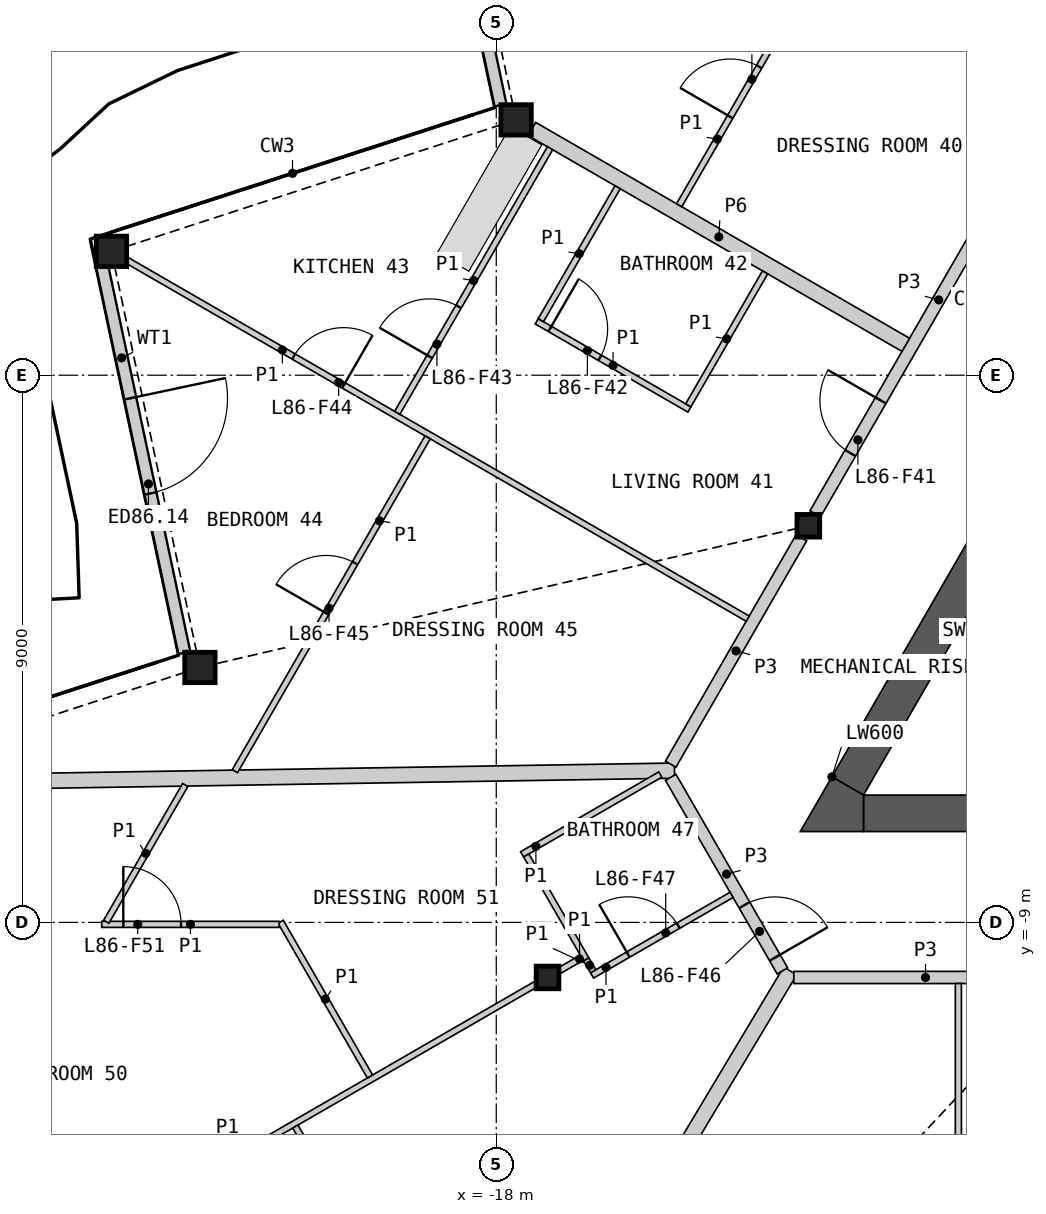
"""IFC4 building model, lengths in metres.
Left out: names, types, materials, properties, quantities, classifications, styles, units other than length and angle.
Written with IfcOpenShell. Run it as: python <this file> out.ifc"""

import sys

from ifc_helpers import new_model, si_unit, direction, frame, frame_2d, origin, origin_2d, place, context, subcontext, project, spatial, polyline, rectangle, hollow_rectangle, i_section, outline, extrude, element, fill, save


model = new_model("IFC4")
c1 = context("Model", 3, precision=1e-05, world=origin(), true_north=direction((0.0, 1.0)))
c2 = subcontext(c1, "Body", "Model", "MODEL_VIEW")
j1 = project(units=[si_unit("LENGTHUNIT", "METRE"), si_unit("PLANEANGLEUNIT", "RADIAN")], contexts=[c1])
p1 = place(None, origin())
s1 = spatial("IfcSite", under=j1, at=p1, CompositionType="ELEMENT")
p2 = place(p1, origin())
s2 = spatial("IfcBuilding", under=s1, at=p2, CompositionType="ELEMENT")
p3 = place(p2, frame((0.0, 0.0, 381.4)))
s3 = spatial("IfcBuildingStorey", under=s2, at=p3, CompositionType="ELEMENT", Elevation=381.4)
for number, where, z_axis, x_axis in (
    (1, (-17.674, 4.199, 0.0), (0.0, 0.0, 1.0), (1.0, 0.0, 0.0)),
    (2, (-24.329, 2.037, 0.0), (0.0, 0.0, 1.0), (1.0, 0.0, 0.0)),
    (3, (-22.874, -4.807, 0.0), (0.0, 0.0, 1.0), (1.0, 0.0, 0.0)),
):
    element("IfcColumn", number, at=place(p3, frame(where, z_axis=z_axis, x_axis=x_axis)), inside=s3, PredefinedType="COLUMN", context=c2, shape_type="SweptSolid", body=[
        extrude(hollow_rectangle(XDim=0.5, YDim=0.5, WallThickness=0.03, at=origin_2d()), origin(), (0.0, 0.0, 1.0), 3.4),
    ])
for number, where, z_axis, x_axis in (
    (4, (-12.868, -2.476, 0.0), (0.0, 0.0, 1.0), (1.0, 0.0, 0.0)),
    (5, (-17.157, -9.906, 0.0), (0.0, 0.0, 1.0), (1.0, 0.0, 0.0)),
):
    element("IfcColumn", number, at=place(p3, frame(where, z_axis=z_axis, x_axis=x_axis)), inside=s3, PredefinedType="COLUMN", context=c2, shape_type="SweptSolid", body=[
        extrude(i_section(OverallWidth=0.374, OverallDepth=0.372, WebThickness=0.016, FlangeThickness=0.026, at=origin_2d()), origin(), (0.0, 0.0, 1.0), 3.4),
    ])
p4 = place(p3, frame((-19.304, 10.909, 0.0), z_axis=(0.0, 0.0, 1.0), x_axis=(0.207882161022, -0.97815387702, 0.0)))
e6 = element("IfcWall", 6, at=p4, inside=s3, PredefinedType="SOLIDWALL", context=c2, shape_type="SweptSolid", body=[
    extrude(rectangle(XDim=6.612, YDim=0.2, at=frame_2d((3.306, 0.0))), origin(), (0.0, 0.0, 1.0), 2.634),
])
p5 = place(p4, frame((2.333, 0.0, 0.0)))
e7 = element("IfcOpeningElement", 7, at=p5, cuts=e6, PredefinedType="OPENING", context=c2, shape_type="SweptSolid", body=[
    extrude(rectangle(XDim=1.6, YDim=2.25, at=frame_2d((0.8, 1.125))), frame((0.0, 0.11, 0.0), z_axis=(0.0, -1.0, 0.0), x_axis=(1.0, 0.0, 0.0)), (0.0, 0.0, 1.0), 0.22),
])
p6 = place(p3, frame((-24.505, 1.902, 0.0), z_axis=(0.0, 0.0, 1.0), x_axis=(0.207917488951, -0.978146368285, 0.0)))
e8 = element("IfcWall", 8, at=p6, inside=s3, PredefinedType="SOLIDWALL", context=c2, shape_type="SweptSolid", body=[
    extrude(rectangle(XDim=6.612, YDim=0.2, at=frame_2d((3.306, 0.0))), origin(), (0.0, 0.0, 1.0), 2.634),
])
p7 = place(p6, frame((2.333, 0.0, 0.0)))
e9 = element("IfcOpeningElement", 9, at=p7, cuts=e8, PredefinedType="OPENING", context=c2, shape_type="SweptSolid", body=[
    extrude(rectangle(XDim=1.6, YDim=2.25, at=frame_2d((0.8, 1.125))), frame((0.0, 0.11, 0.0), z_axis=(0.0, -1.0, 0.0), x_axis=(1.0, 0.0, 0.0)), (0.0, 0.0, 1.0), 0.22),
])
p8 = place(p3, origin())
e10 = element("IfcWall", 10, at=p8, inside=s3, PredefinedType="SHEAR", context=c2, shape_type="SweptSolid", body=[
    extrude(outline(polyline([(-5.307, -1.281), (-10.374, -4.206), (-10.032, -4.298), (-5.182, -1.498), (-5.307, -1.281)])), origin(), (0.0, 0.0, 1.0), 3.1),
])
p9 = place(p3, origin())
e11 = element("IfcWall", 11, at=p9, inside=s3, PredefinedType="SHEAR", context=c2, shape_type="SweptSolid", body=[
    extrude(outline(polyline([(-10.374, -4.206), (-8.83, -6.881), (-8.738, -6.539), (-10.032, -4.298), (-10.374, -4.206)])), origin(), (0.0, 0.0, 1.0), 3.1),
])
p10 = place(p3, frame((-11.961, -7.206, 0.0), z_axis=(0.0, 0.0, 1.0), x_axis=(1.0, 0.0, 0.0)))
e12 = element("IfcWall", 12, at=p10, inside=s3, PredefinedType="SHEAR", context=c2, shape_type="SweptSolid", body=[
    extrude(rectangle(XDim=4.868, YDim=0.6, at=frame_2d((2.434, 0.0))), origin(), (0.0, 0.0, 1.0), 3.1),
])
p11 = place(p3, frame((-9.562, -2.15, 0.0), z_axis=(0.0, 0.0, 1.0), x_axis=(-0.500015214976, -0.866016619236, 0.0)))
e13 = element("IfcWall", 13, at=p11, inside=s3, PredefinedType="SHEAR", context=c2, shape_type="SweptSolid", body=[
    extrude(rectangle(XDim=5.318, YDim=0.6, at=frame_2d((2.659, 0.0))), origin(), (0.0, 0.0, 1.0), 3.1),
])
p12 = place(p3, origin())
e14 = element("IfcWall", 14, at=p12, inside=s3, PredefinedType="SHEAR", context=c2, shape_type="SweptSolid", body=[
    extrude(outline(polyline([(-12.48, -6.606), (-11.961, -6.906), (-11.961, -7.506), (-13.0, -7.506), (-12.48, -6.606)])), origin(), (0.0, 0.0, 1.0), 3.1),
])
p13 = place(p3, frame((-20.338, -21.771, 0.0), z_axis=(0.0, 0.0, 1.0), x_axis=(0.513878217441, 0.857863146218, 0.0)))
e15 = element("IfcWall", 15, at=p13, inside=s3, PredefinedType="PARTITIONING", context=c2, shape_type="SweptSolid", body=[
    extrude(rectangle(XDim=13.956, YDim=0.25, at=frame_2d((6.978, 0.0))), origin(), (0.0, 0.0, 1.0), 2.33),
])
p14 = place(p3, frame((-29.269, -6.732, 0.0), z_axis=(0.0, 0.0, 1.0), x_axis=(0.999870533117, 0.016090898164, 0.0)))
e16 = element("IfcWall", 16, at=p14, inside=s3, PredefinedType="PARTITIONING", context=c2, shape_type="SweptSolid", body=[
    extrude(rectangle(XDim=14.202, YDim=0.25, at=frame_2d((7.101, 0.0))), origin(), (0.0, 0.0, 1.0), 2.33),
])
p15 = place(p3, frame((-12.754, -2.279, 0.0), z_axis=(0.0, 0.0, 1.0), x_axis=(0.500001682468, 0.866024432409, 0.0)))
e17 = element("IfcWall", 17, at=p15, inside=s3, PredefinedType="PARTITIONING", context=c2, shape_type="SweptSolid", body=[
    extrude(rectangle(XDim=8.124, YDim=0.2, at=frame_2d((4.062, 0.0))), origin(), (0.0, 0.0, 1.0), 3.1),
])
p16 = place(p15, frame((1.153, 0.0, 0.0)))
e18 = element("IfcOpeningElement", 18, at=p16, cuts=e17, PredefinedType="OPENING", context=c2, shape_type="SweptSolid", body=[
    extrude(rectangle(XDim=1.0, YDim=2.1, at=frame_2d((0.5, 1.05))), frame((0.0, 0.11, 0.0), z_axis=(0.0, -1.0, 0.0), x_axis=(1.0, 0.0, 0.0)), (0.0, 0.0, 1.0), 0.22),
])
p17 = place(p3, frame((-17.414, 4.049, 0.0), z_axis=(0.0, 0.0, 1.0), x_axis=(0.866033839264, -0.499985389037, 0.0)))
e19 = element("IfcWall", 19, at=p17, inside=s3, PredefinedType="PARTITIONING", context=c2, shape_type="SweptSolid", body=[
    extrude(rectangle(XDim=7.1, YDim=0.25, at=frame_2d((3.55, 0.0))), origin(), (0.0, 0.0, 1.0), 2.33),
])
p18 = place(p3, frame((-13.106, -9.906, 0.0), z_axis=(0.0, 0.0, 1.0), x_axis=(1.0, 0.0, 0.0)))
e20 = element("IfcWall", 20, at=p18, inside=s3, PredefinedType="PARTITIONING", context=c2, shape_type="SweptSolid", body=[
    extrude(rectangle(XDim=4.331, YDim=0.2, at=frame_2d((2.165, 0.0))), origin(), (0.0, 0.0, 1.0), 3.1),
])
p19 = place(p3, frame((-15.131, -6.397, 0.0), z_axis=(0.0, 0.0, 1.0), x_axis=(0.499986217557, 0.866033360935, 0.0)))
e21 = element("IfcWall", 21, at=p19, inside=s3, PredefinedType="PARTITIONING", context=c2, shape_type="SweptSolid", body=[
    extrude(rectangle(XDim=4.3, YDim=0.2, at=frame_2d((2.15, 0.0))), origin(), (0.0, 0.0, 1.0), 3.1),
])
p20 = place(p3, frame((-15.131, -6.614, 0.0), z_axis=(0.0, 0.0, 1.0), x_axis=(0.499967746641, -0.866044024469, 0.0)))
e22 = element("IfcWall", 22, at=p20, inside=s3, PredefinedType="PARTITIONING", context=c2, shape_type="SweptSolid", body=[
    extrude(rectangle(XDim=3.676, YDim=0.2, at=frame_2d((1.838, 0.0))), origin(), (0.0, 0.0, 1.0), 3.1),
])
p21 = place(p20, frame((2.426, 0.0, 0.0)))
e23 = element("IfcOpeningElement", 23, at=p21, cuts=e22, PredefinedType="OPENING", context=c2, shape_type="SweptSolid", body=[
    extrude(rectangle(XDim=1.0, YDim=2.1, at=frame_2d((0.5, 1.05))), frame((0.0, 0.11, 0.0), z_axis=(0.0, -1.0, 0.0), x_axis=(1.0, 0.0, 0.0)), (0.0, 0.0, 1.0), 0.22),
])
p22 = place(p3, frame((-10.4, -21.828, 0.0), z_axis=(0.0, 0.0, 1.0), x_axis=(0.0, 1.0, 0.0)))
e24 = element("IfcWall", 24, at=p22, inside=s3, PredefinedType="PARTITIONING", context=c2, shape_type="SweptSolid", body=[
    extrude(rectangle(XDim=11.822, YDim=0.1, at=frame_2d((5.911, 0.0))), origin(), (0.0, 0.0, 1.0), 2.33),
])
p23 = place(p22, frame((1.156, 0.0, 0.0)))
e25 = element("IfcOpeningElement", 25, at=p23, cuts=e24, PredefinedType="OPENING", context=c2, shape_type="SweptSolid", body=[
    extrude(rectangle(XDim=0.95, YDim=2.1, at=frame_2d((0.475, 1.05))), frame((0.0, 0.06, 0.0), z_axis=(0.0, -1.0, 0.0), x_axis=(1.0, 0.0, 0.0)), (0.0, 0.0, 1.0), 0.12),
])
p24 = place(p3, frame((-24.069, 1.887, 0.0), z_axis=(0.0, 0.0, 1.0), x_axis=(0.866023404247, -0.500003463284, 0.0)))
e26 = element("IfcWall", 26, at=p24, inside=s3, PredefinedType="PARTITIONING", context=c2, shape_type="SweptSolid", body=[
    extrude(rectangle(XDim=11.782, YDim=0.1, at=frame_2d((5.891, 0.0))), origin(), (0.0, 0.0, 1.0), 2.33),
])
p25 = place(p24, frame((3.159, 0.0, 0.0)))
e27 = element("IfcOpeningElement", 27, at=p25, cuts=e26, PredefinedType="OPENING", context=c2, shape_type="SweptSolid", body=[
    extrude(rectangle(XDim=0.95, YDim=2.1, at=frame_2d((0.475, 1.05))), frame((0.0, 0.06, 0.0), z_axis=(0.0, -1.0, 0.0), x_axis=(1.0, 0.0, 0.0)), (0.0, 0.0, 1.0), 0.12),
])
p26 = place(p3, frame((-18.869, 10.894, 0.0), z_axis=(0.0, 0.0, 1.0), x_axis=(0.866023724155, -0.500002909193, 0.0)))
e28 = element("IfcWall", 28, at=p26, inside=s3, PredefinedType="PARTITIONING", context=c2, shape_type="SweptSolid", body=[
    extrude(rectangle(XDim=11.655, YDim=0.1, at=frame_2d((5.827, 0.0))), origin(), (0.0, 0.0, 1.0), 2.33),
])
p27 = place(p26, frame((6.253, 0.0, 0.0)))
e29 = element("IfcOpeningElement", 29, at=p27, cuts=e28, PredefinedType="OPENING", context=c2, shape_type="SweptSolid", body=[
    extrude(rectangle(XDim=0.95, YDim=2.1, at=frame_2d((0.475, 1.05))), frame((0.0, 0.06, 0.0), z_axis=(0.0, -1.0, 0.0), x_axis=(1.0, 0.0, 0.0)), (0.0, 0.0, 1.0), 0.12),
])
p28 = place(p3, frame((-26.777, -15.46, 0.0), z_axis=(0.0, 0.0, 1.0), x_axis=(0.866019680922, 0.500009912158, 0.0)))
e30 = element("IfcWall", 30, at=p28, inside=s3, PredefinedType="PARTITIONING", context=c2, shape_type="SweptSolid", body=[
    extrude(rectangle(XDim=10.881, YDim=0.1, at=frame_2d((5.44, 0.0))), origin(), (0.0, 0.0, 1.0), 2.33),
])
p29 = place(p28, frame((1.454, 0.0, 0.0)))
e31 = element("IfcOpeningElement", 31, at=p29, cuts=e30, PredefinedType="OPENING", context=c2, shape_type="SweptSolid", body=[
    extrude(rectangle(XDim=0.95, YDim=2.1, at=frame_2d((0.475, 1.05))), frame((0.0, 0.06, 0.0), z_axis=(0.0, -1.0, 0.0), x_axis=(1.0, 0.0, 0.0)), (0.0, 0.0, 1.0), 0.12),
])
p30 = place(p3, frame((-21.304, -12.358, 0.0), z_axis=(0.0, 0.0, 1.0), x_axis=(0.500000558108, -0.866025081561, 0.0)))
e32 = element("IfcWall", 32, at=p30, inside=s3, PredefinedType="PARTITIONING", context=c2, shape_type="SweptSolid", body=[
    extrude(rectangle(XDim=6.358, YDim=0.1, at=frame_2d((3.179, 0.0))), origin(), (0.0, 0.0, 1.0), 2.33),
])
p31 = place(p30, frame((3.555, 0.0, 0.0)))
e33 = element("IfcOpeningElement", 33, at=p31, cuts=e32, PredefinedType="OPENING", context=c2, shape_type="SweptSolid", body=[
    extrude(rectangle(XDim=0.95, YDim=2.1, at=frame_2d((0.475, 1.05))), frame((0.0, 0.06, 0.0), z_axis=(0.0, -1.0, 0.0), x_axis=(1.0, 0.0, 0.0)), (0.0, 0.0, 1.0), 0.12),
])
p32 = place(p3, frame((-22.298, -6.512, 0.0), z_axis=(0.0, 0.0, 1.0), x_axis=(0.499991387631, 0.866030376081, 0.0)))
e34 = element("IfcWall", 34, at=p32, inside=s3, PredefinedType="PARTITIONING", context=c2, shape_type="SweptSolid", body=[
    extrude(rectangle(XDim=6.339, YDim=0.1, at=frame_2d((3.169, 0.0))), origin(), (0.0, 0.0, 1.0), 2.33),
])
p33 = place(p32, frame((3.0, 0.0, 0.0)))
e35 = element("IfcOpeningElement", 35, at=p33, cuts=e34, PredefinedType="OPENING", context=c2, shape_type="SweptSolid", body=[
    extrude(rectangle(XDim=0.95, YDim=2.1, at=frame_2d((0.475, 1.05))), frame((0.0, 0.06, 0.0), z_axis=(0.0, -1.0, 0.0), x_axis=(1.0, 0.0, 0.0)), (0.0, 0.0, 1.0), 0.12),
])
p34 = place(p3, frame((-19.628, -0.619, 0.0), z_axis=(0.0, 0.0, 1.0), x_axis=(0.499990214365, 0.86603105345, 0.0)))
e36 = element("IfcWall", 36, at=p34, inside=s3, PredefinedType="PARTITIONING", context=c2, shape_type="SweptSolid", body=[
    extrude(rectangle(XDim=5.025, YDim=0.1, at=frame_2d((2.512, 0.0))), origin(), (0.0, 0.0, 1.0), 2.33),
])
p35 = place(p34, frame((1.067, 0.0, 0.0)))
e37 = element("IfcOpeningElement", 37, at=p35, cuts=e36, PredefinedType="OPENING", context=c2, shape_type="SweptSolid", body=[
    extrude(rectangle(XDim=0.95, YDim=2.1, at=frame_2d((0.475, 1.05))), frame((0.0, 0.06, 0.0), z_axis=(0.0, -1.0, 0.0), x_axis=(1.0, 0.0, 0.0)), (0.0, 0.0, 1.0), 0.12),
])
p36 = place(p3, frame((-14.992, 2.796, 0.0), z_axis=(0.0, 0.0, 1.0), x_axis=(0.499990214365, 0.86603105345, 0.0)))
e38 = element("IfcWall", 38, at=p36, inside=s3, PredefinedType="PARTITIONING", context=c2, shape_type="SweptSolid", body=[
    extrude(rectangle(XDim=5.025, YDim=0.1, at=frame_2d((2.512, 0.0))), origin(), (0.0, 0.0, 1.0), 2.33),
])
p37 = place(p36, frame((1.68, 0.0, 0.0)))
e39 = element("IfcOpeningElement", 39, at=p37, cuts=e38, PredefinedType="OPENING", context=c2, shape_type="SweptSolid", body=[
    extrude(rectangle(XDim=0.95, YDim=2.1, at=frame_2d((0.475, 1.05))), frame((0.0, 0.06, 0.0), z_axis=(0.0, -1.0, 0.0), x_axis=(1.0, 0.0, 0.0)), (0.0, 0.0, 1.0), 0.12),
])
p38 = place(p3, frame((-21.546, -8.989, 0.0), z_axis=(0.0, 0.0, 1.0), x_axis=(0.499919039967, -0.866072141036, 0.0)))
e40 = element("IfcWall", 40, at=p38, inside=s3, PredefinedType="PARTITIONING", context=c2, shape_type="SweptSolid", body=[
    extrude(rectangle(XDim=2.938, YDim=0.1, at=frame_2d((1.469, 0.0))), origin(), (0.0, 0.0, 1.0), 2.33),
])
p39 = place(p3, frame((-24.489, -9.032, 0.0), z_axis=(0.0, 0.0, 1.0), x_axis=(1.0, 0.0, 0.0)))
e41 = element("IfcWall", 41, at=p39, inside=s3, PredefinedType="PARTITIONING", context=c2, shape_type="SweptSolid", body=[
    extrude(rectangle(XDim=2.917, YDim=0.1, at=frame_2d((1.459, 0.0))), origin(), (0.0, 0.0, 1.0), 2.33),
])
p40 = place(p39, frame((0.355, 0.0, 0.0)))
e42 = element("IfcOpeningElement", 42, at=p40, cuts=e41, PredefinedType="OPENING", context=c2, shape_type="SweptSolid", body=[
    extrude(rectangle(XDim=0.95, YDim=2.1, at=frame_2d((0.475, 1.05))), frame((0.0, 0.06, 0.0), z_axis=(0.0, -1.0, 0.0), x_axis=(1.0, 0.0, 0.0)), (0.0, 0.0, 1.0), 0.12),
])
p41 = place(p3, frame((-17.335, 0.886, 0.0), z_axis=(0.0, 0.0, 1.0), x_axis=(0.866032775405, -0.499987231761, 0.0)))
e43 = element("IfcWall", 43, at=p41, inside=s3, PredefinedType="PARTITIONING", context=c2, shape_type="SweptSolid", body=[
    extrude(rectangle(XDim=2.9, YDim=0.1, at=frame_2d((1.45, 0.0))), origin(), (0.0, 0.0, 1.0), 2.33),
])
p42 = place(p41, frame((0.25, 0.0, 0.0)))
e44 = element("IfcOpeningElement", 44, at=p42, cuts=e43, PredefinedType="OPENING", context=c2, shape_type="SweptSolid", body=[
    extrude(rectangle(XDim=0.95, YDim=2.1, at=frame_2d((0.475, 1.05))), frame((0.0, 0.06, 0.0), z_axis=(0.0, -1.0, 0.0), x_axis=(1.0, 0.0, 0.0)), (0.0, 0.0, 1.0), 0.12),
])
p43 = place(p3, frame((-24.414, -8.989, 0.0), z_axis=(0.0, 0.0, 1.0), x_axis=(0.500042595688, 0.866000809756, 0.0)))
e45 = element("IfcWall", 45, at=p43, inside=s3, PredefinedType="PARTITIONING", context=c2, shape_type="SweptSolid", body=[
    extrude(rectangle(XDim=2.596, YDim=0.1, at=frame_2d((1.298, 0.0))), origin(), (0.0, 0.0, 1.0), 2.33),
])
p44 = place(p3, frame((-17.575, -7.881, 0.0), z_axis=(0.0, 0.0, 1.0), x_axis=(0.866036909293, 0.499980071345, 0.0)))
e46 = element("IfcWall", 46, at=p44, inside=s3, PredefinedType="PARTITIONING", context=c2, shape_type="SweptSolid", body=[
    extrude(rectangle(XDim=2.625, YDim=0.1, at=frame_2d((1.312, 0.0))), origin(), (0.0, 0.0, 1.0), 2.33),
])
p45 = place(p3, frame((-17.267, 0.905, 0.0), z_axis=(0.0, 0.0, 1.0), x_axis=(0.499976333282, 0.866039067339, 0.0)))
e47 = element("IfcWall", 47, at=p45, inside=s3, PredefinedType="PARTITIONING", context=c2, shape_type="SweptSolid", body=[
    extrude(rectangle(XDim=2.525, YDim=0.1, at=frame_2d((1.262, 0.0))), origin(), (0.0, 0.0, 1.0), 2.33),
])
p46 = place(p3, frame((-14.842, -0.496, 0.0), z_axis=(0.0, 0.0, 1.0), x_axis=(0.500048846702, 0.865997200291, 0.0)))
e48 = element("IfcWall", 48, at=p46, inside=s3, PredefinedType="PARTITIONING", context=c2, shape_type="SweptSolid", body=[
    extrude(rectangle(XDim=2.525, YDim=0.1, at=frame_2d((1.263, 0.0))), origin(), (0.0, 0.0, 1.0), 2.33),
])
p47 = place(p3, frame((-16.425, -9.872, 0.0), z_axis=(0.0, 0.0, 1.0), x_axis=(0.86603978909, 0.499975083092, 0.0)))
e49 = element("IfcWall", 49, at=p47, inside=s3, PredefinedType="PARTITIONING", context=c2, shape_type="SweptSolid", body=[
    extrude(rectangle(XDim=2.649, YDim=0.1, at=frame_2d((1.325, 0.0))), origin(), (0.0, 0.0, 1.0), 2.33),
])
p48 = place(p47, frame((0.686, 0.0, 0.0)))
e50 = element("IfcOpeningElement", 50, at=p48, cuts=e49, PredefinedType="OPENING", context=c2, shape_type="SweptSolid", body=[
    extrude(rectangle(XDim=0.95, YDim=2.1, at=frame_2d((0.475, 1.05))), frame((0.0, 0.06, 0.0), z_axis=(0.0, -1.0, 0.0), x_axis=(1.0, 0.0, 0.0)), (0.0, 0.0, 1.0), 0.12),
])
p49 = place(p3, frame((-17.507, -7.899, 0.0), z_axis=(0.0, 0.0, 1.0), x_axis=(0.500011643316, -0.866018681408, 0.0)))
☆ ☆ ☆ ☆ ☆
Each line that contains the string "spatial" counts once; report how many such lines the entries have, giving only the number.

4